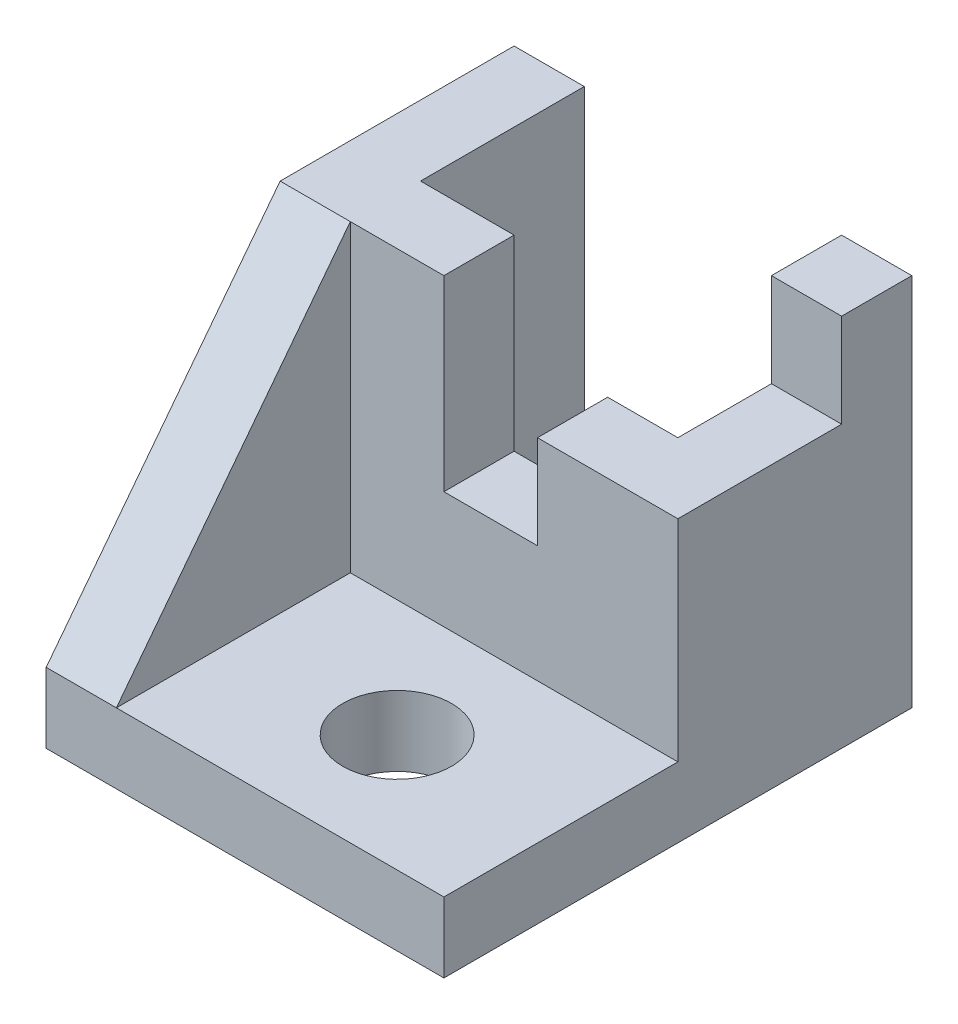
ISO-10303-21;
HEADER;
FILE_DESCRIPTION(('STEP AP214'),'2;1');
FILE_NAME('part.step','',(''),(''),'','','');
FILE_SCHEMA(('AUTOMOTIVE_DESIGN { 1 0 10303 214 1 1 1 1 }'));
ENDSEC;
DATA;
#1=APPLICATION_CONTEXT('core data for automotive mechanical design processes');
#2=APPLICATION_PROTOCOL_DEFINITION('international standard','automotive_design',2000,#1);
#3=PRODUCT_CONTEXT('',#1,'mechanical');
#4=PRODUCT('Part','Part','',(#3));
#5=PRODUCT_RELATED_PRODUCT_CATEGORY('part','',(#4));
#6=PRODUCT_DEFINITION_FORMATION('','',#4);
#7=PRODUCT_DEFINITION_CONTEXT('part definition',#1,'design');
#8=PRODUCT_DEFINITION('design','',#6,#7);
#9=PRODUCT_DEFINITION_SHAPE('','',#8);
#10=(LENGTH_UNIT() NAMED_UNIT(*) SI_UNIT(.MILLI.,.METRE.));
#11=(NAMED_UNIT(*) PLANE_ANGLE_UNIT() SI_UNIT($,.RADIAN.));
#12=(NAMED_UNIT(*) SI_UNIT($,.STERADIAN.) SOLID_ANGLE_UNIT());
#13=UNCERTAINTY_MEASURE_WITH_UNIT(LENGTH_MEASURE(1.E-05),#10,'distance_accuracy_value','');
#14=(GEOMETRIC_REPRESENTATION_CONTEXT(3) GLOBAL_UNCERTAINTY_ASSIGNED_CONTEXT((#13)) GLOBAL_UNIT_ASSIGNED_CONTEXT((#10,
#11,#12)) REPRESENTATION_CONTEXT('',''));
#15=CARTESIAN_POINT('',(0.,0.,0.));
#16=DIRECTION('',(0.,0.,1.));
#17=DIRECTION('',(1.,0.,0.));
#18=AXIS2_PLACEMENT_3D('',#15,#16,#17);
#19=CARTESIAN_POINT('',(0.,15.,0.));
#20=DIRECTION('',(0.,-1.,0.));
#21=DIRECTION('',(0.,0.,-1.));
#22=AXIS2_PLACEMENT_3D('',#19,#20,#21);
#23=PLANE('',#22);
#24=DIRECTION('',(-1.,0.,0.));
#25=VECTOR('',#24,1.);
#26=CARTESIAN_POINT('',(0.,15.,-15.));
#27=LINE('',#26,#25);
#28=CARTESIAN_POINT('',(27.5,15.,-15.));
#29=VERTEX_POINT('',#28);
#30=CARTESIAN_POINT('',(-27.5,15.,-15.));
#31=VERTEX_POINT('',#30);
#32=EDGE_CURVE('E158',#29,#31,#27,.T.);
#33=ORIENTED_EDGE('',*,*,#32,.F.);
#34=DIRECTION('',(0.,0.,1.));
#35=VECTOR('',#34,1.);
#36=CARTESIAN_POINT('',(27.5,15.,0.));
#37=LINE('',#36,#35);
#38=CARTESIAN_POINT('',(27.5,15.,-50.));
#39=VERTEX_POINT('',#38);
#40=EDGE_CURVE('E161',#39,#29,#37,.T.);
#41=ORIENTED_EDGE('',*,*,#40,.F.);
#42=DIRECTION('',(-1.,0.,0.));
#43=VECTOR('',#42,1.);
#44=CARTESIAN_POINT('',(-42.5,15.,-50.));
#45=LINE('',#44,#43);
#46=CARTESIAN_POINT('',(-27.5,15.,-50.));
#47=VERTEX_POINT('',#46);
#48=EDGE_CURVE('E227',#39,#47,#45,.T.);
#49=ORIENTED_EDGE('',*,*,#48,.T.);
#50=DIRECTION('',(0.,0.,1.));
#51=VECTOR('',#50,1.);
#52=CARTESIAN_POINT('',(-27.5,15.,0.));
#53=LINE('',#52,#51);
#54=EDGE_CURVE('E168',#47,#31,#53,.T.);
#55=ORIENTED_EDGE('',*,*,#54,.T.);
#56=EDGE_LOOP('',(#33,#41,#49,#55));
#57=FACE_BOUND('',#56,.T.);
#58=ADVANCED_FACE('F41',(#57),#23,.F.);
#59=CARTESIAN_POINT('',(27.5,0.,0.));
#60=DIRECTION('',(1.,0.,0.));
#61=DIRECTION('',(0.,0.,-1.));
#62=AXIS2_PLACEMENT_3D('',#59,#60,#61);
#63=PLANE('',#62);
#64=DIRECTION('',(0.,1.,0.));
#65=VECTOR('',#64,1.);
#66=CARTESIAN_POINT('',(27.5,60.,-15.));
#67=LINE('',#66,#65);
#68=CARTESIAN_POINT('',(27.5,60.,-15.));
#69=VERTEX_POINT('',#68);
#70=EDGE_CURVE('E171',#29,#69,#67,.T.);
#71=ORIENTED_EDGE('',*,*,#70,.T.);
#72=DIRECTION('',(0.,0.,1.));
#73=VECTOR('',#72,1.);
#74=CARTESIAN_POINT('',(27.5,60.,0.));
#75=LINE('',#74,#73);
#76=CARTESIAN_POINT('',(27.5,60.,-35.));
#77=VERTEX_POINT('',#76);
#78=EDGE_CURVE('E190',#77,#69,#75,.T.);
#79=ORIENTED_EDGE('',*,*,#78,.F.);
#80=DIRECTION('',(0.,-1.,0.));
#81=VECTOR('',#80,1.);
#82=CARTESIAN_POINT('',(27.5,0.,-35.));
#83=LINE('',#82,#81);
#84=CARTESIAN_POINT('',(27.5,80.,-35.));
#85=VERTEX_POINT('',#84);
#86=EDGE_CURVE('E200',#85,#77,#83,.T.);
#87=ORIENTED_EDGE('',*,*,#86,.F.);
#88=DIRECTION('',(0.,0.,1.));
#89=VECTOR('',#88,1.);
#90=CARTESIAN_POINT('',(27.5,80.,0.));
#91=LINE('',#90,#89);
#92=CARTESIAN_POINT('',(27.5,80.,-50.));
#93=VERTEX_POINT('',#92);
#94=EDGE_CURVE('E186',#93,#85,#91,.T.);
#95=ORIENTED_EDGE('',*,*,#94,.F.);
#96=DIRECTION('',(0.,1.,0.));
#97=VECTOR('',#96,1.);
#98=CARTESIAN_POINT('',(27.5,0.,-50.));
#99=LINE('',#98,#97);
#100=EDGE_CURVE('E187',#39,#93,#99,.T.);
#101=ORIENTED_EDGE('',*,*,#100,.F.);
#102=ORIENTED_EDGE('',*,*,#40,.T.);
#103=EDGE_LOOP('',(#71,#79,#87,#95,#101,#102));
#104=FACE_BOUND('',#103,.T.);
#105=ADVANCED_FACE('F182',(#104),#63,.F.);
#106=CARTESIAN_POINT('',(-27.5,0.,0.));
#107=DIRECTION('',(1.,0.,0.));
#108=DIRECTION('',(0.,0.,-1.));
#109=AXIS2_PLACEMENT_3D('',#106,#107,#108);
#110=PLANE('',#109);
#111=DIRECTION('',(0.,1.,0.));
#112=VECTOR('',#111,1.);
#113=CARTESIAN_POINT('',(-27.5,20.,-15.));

===

:: Work to complete ::
The records above are to be retyped exactly, with every picture left out.

:: Output for this exercise ::
ISO-10303-21;
HEADER;
FILE_DESCRIPTION(('STEP AP214'),'2;1');
FILE_NAME('part.step','',(''),(''),'','','');
FILE_SCHEMA(('AUTOMOTIVE_DESIGN { 1 0 10303 214 1 1 1 1 }'));
ENDSEC;
DATA;
#1=APPLICATION_CONTEXT('core data for automotive mechanical design processes');
#2=APPLICATION_PROTOCOL_DEFINITION('international standard','automotive_design',2000,#1);
#3=PRODUCT_CONTEXT('',#1,'mechanical');
#4=PRODUCT('Part','Part','',(#3));
#5=PRODUCT_RELATED_PRODUCT_CATEGORY('part','',(#4));
#6=PRODUCT_DEFINITION_FORMATION('','',#4);
#7=PRODUCT_DEFINITION_CONTEXT('part definition',#1,'design');
#8=PRODUCT_DEFINITION('design','',#6,#7);
#9=PRODUCT_DEFINITION_SHAPE('','',#8);
#10=(LENGTH_UNIT() NAMED_UNIT(*) SI_UNIT(.MILLI.,.METRE.));
#11=(NAMED_UNIT(*) PLANE_ANGLE_UNIT() SI_UNIT($,.RADIAN.));
#12=(NAMED_UNIT(*) SI_UNIT($,.STERADIAN.) SOLID_ANGLE_UNIT());
#13=UNCERTAINTY_MEASURE_WITH_UNIT(LENGTH_MEASURE(1.E-05),#10,'distance_accuracy_value','');
#14=(GEOMETRIC_REPRESENTATION_CONTEXT(3) GLOBAL_UNCERTAINTY_ASSIGNED_CONTEXT((#13)) GLOBAL_UNIT_ASSIGNED_CONTEXT((#10,
#11,#12)) REPRESENTATION_CONTEXT('',''));
#15=CARTESIAN_POINT('',(0.,0.,0.));
#16=DIRECTION('',(0.,0.,1.));
#17=DIRECTION('',(1.,0.,0.));
#18=AXIS2_PLACEMENT_3D('',#15,#16,#17);
#19=CARTESIAN_POINT('',(0.,15.,0.));
#20=DIRECTION('',(0.,-1.,0.));
#21=DIRECTION('',(0.,0.,-1.));
#22=AXIS2_PLACEMENT_3D('',#19,#20,#21);
#23=PLANE('',#22);
#24=DIRECTION('',(-1.,0.,0.));
#25=VECTOR('',#24,1.);
#26=CARTESIAN_POINT('',(0.,15.,-15.));
#27=LINE('',#26,#25);
#28=CARTESIAN_POINT('',(27.5,15.,-15.));
#29=VERTEX_POINT('',#28);
#30=CARTESIAN_POINT('',(-27.5,15.,-15.));
#31=VERTEX_POINT('',#30);
#32=EDGE_CURVE('E158',#29,#31,#27,.T.);
#33=ORIENTED_EDGE('',*,*,#32,.F.);
#34=DIRECTION('',(0.,0.,1.));
#35=VECTOR('',#34,1.);
#36=CARTESIAN_POINT('',(27.5,15.,0.));
#37=LINE('',#36,#35);
#38=CARTESIAN_POINT('',(27.5,15.,-50.));
#39=VERTEX_POINT('',#38);
#40=EDGE_CURVE('E161',#39,#29,#37,.T.);
#41=ORIENTED_EDGE('',*,*,#40,.F.);
#42=DIRECTION('',(-1.,0.,0.));
#43=VECTOR('',#42,1.);
#44=CARTESIAN_POINT('',(-42.5,15.,-50.));
#45=LINE('',#44,#43);
#46=CARTESIAN_POINT('',(-27.5,15.,-50.));
#47=VERTEX_POINT('',#46);
#48=EDGE_CURVE('E227',#39,#47,#45,.T.);
#49=ORIENTED_EDGE('',*,*,#48,.T.);
#50=DIRECTION('',(0.,0.,1.));
#51=VECTOR('',#50,1.);
#52=CARTESIAN_POINT('',(-27.5,15.,0.));
#53=LINE('',#52,#51);
#54=EDGE_CURVE('E168',#47,#31,#53,.T.);
#55=ORIENTED_EDGE('',*,*,#54,.T.);
#56=EDGE_LOOP('',(#33,#41,#49,#55));
#57=FACE_BOUND('',#56,.T.);
#58=ADVANCED_FACE('F41',(#57),#23,.F.);
#59=CARTESIAN_POINT('',(27.5,0.,0.));
#60=DIRECTION('',(1.,0.,0.));
#61=DIRECTION('',(0.,0.,-1.));
#62=AXIS2_PLACEMENT_3D('',#59,#60,#61);
#63=PLANE('',#62);
#64=DIRECTION('',(0.,1.,0.));
#65=VECTOR('',#64,1.);
#66=CARTESIAN_POINT('',(27.5,60.,-15.));
#67=LINE('',#66,#65);
#68=CARTESIAN_POINT('',(27.5,60.,-15.));
#69=VERTEX_POINT('',#68);
#70=EDGE_CURVE('E171',#29,#69,#67,.T.);
#71=ORIENTED_EDGE('',*,*,#70,.T.);
#72=DIRECTION('',(0.,0.,1.));
#73=VECTOR('',#72,1.);
#74=CARTESIAN_POINT('',(27.5,60.,0.));
#75=LINE('',#74,#73);
#76=CARTESIAN_POINT('',(27.5,60.,-35.));
#77=VERTEX_POINT('',#76);
#78=EDGE_CURVE('E190',#77,#69,#75,.T.);
#79=ORIENTED_EDGE('',*,*,#78,.F.);
#80=DIRECTION('',(0.,-1.,0.));
#81=VECTOR('',#80,1.);
#82=CARTESIAN_POINT('',(27.5,0.,-35.));
#83=LINE('',#82,#81);
#84=CARTESIAN_POINT('',(27.5,80.,-35.));
#85=VERTEX_POINT('',#84);
#86=EDGE_CURVE('E200',#85,#77,#83,.T.);
#87=ORIENTED_EDGE('',*,*,#86,.F.);
#88=DIRECTION('',(0.,0.,1.));
#89=VECTOR('',#88,1.);
#90=CARTESIAN_POINT('',(27.5,80.,0.));
#91=LINE('',#90,#89);
#92=CARTESIAN_POINT('',(27.5,80.,-50.));
#93=VERTEX_POINT('',#92);
#94=EDGE_CURVE('E186',#93,#85,#91,.T.);
#95=ORIENTED_EDGE('',*,*,#94,.F.);
#96=DIRECTION('',(0.,1.,0.));
#97=VECTOR('',#96,1.);
#98=CARTESIAN_POINT('',(27.5,0.,-50.));
#99=LINE('',#98,#97);
#100=EDGE_CURVE('E187',#39,#93,#99,.T.);
#101=ORIENTED_EDGE('',*,*,#100,.F.);
#102=ORIENTED_EDGE('',*,*,#40,.T.);
#103=EDGE_LOOP('',(#71,#79,#87,#95,#101,#102));
#104=FACE_BOUND('',#103,.T.);
#105=ADVANCED_FACE('F182',(#104),#63,.F.);
#106=CARTESIAN_POINT('',(-27.5,0.,0.));
#107=DIRECTION('',(1.,0.,0.));
#108=DIRECTION('',(0.,0.,-1.));
#109=AXIS2_PLACEMENT_3D('',#106,#107,#108);
#110=PLANE('',#109);
#111=DIRECTION('',(0.,1.,0.));
#112=VECTOR('',#111,1.);
#113=CARTESIAN_POINT('',(-27.5,20.,-15.));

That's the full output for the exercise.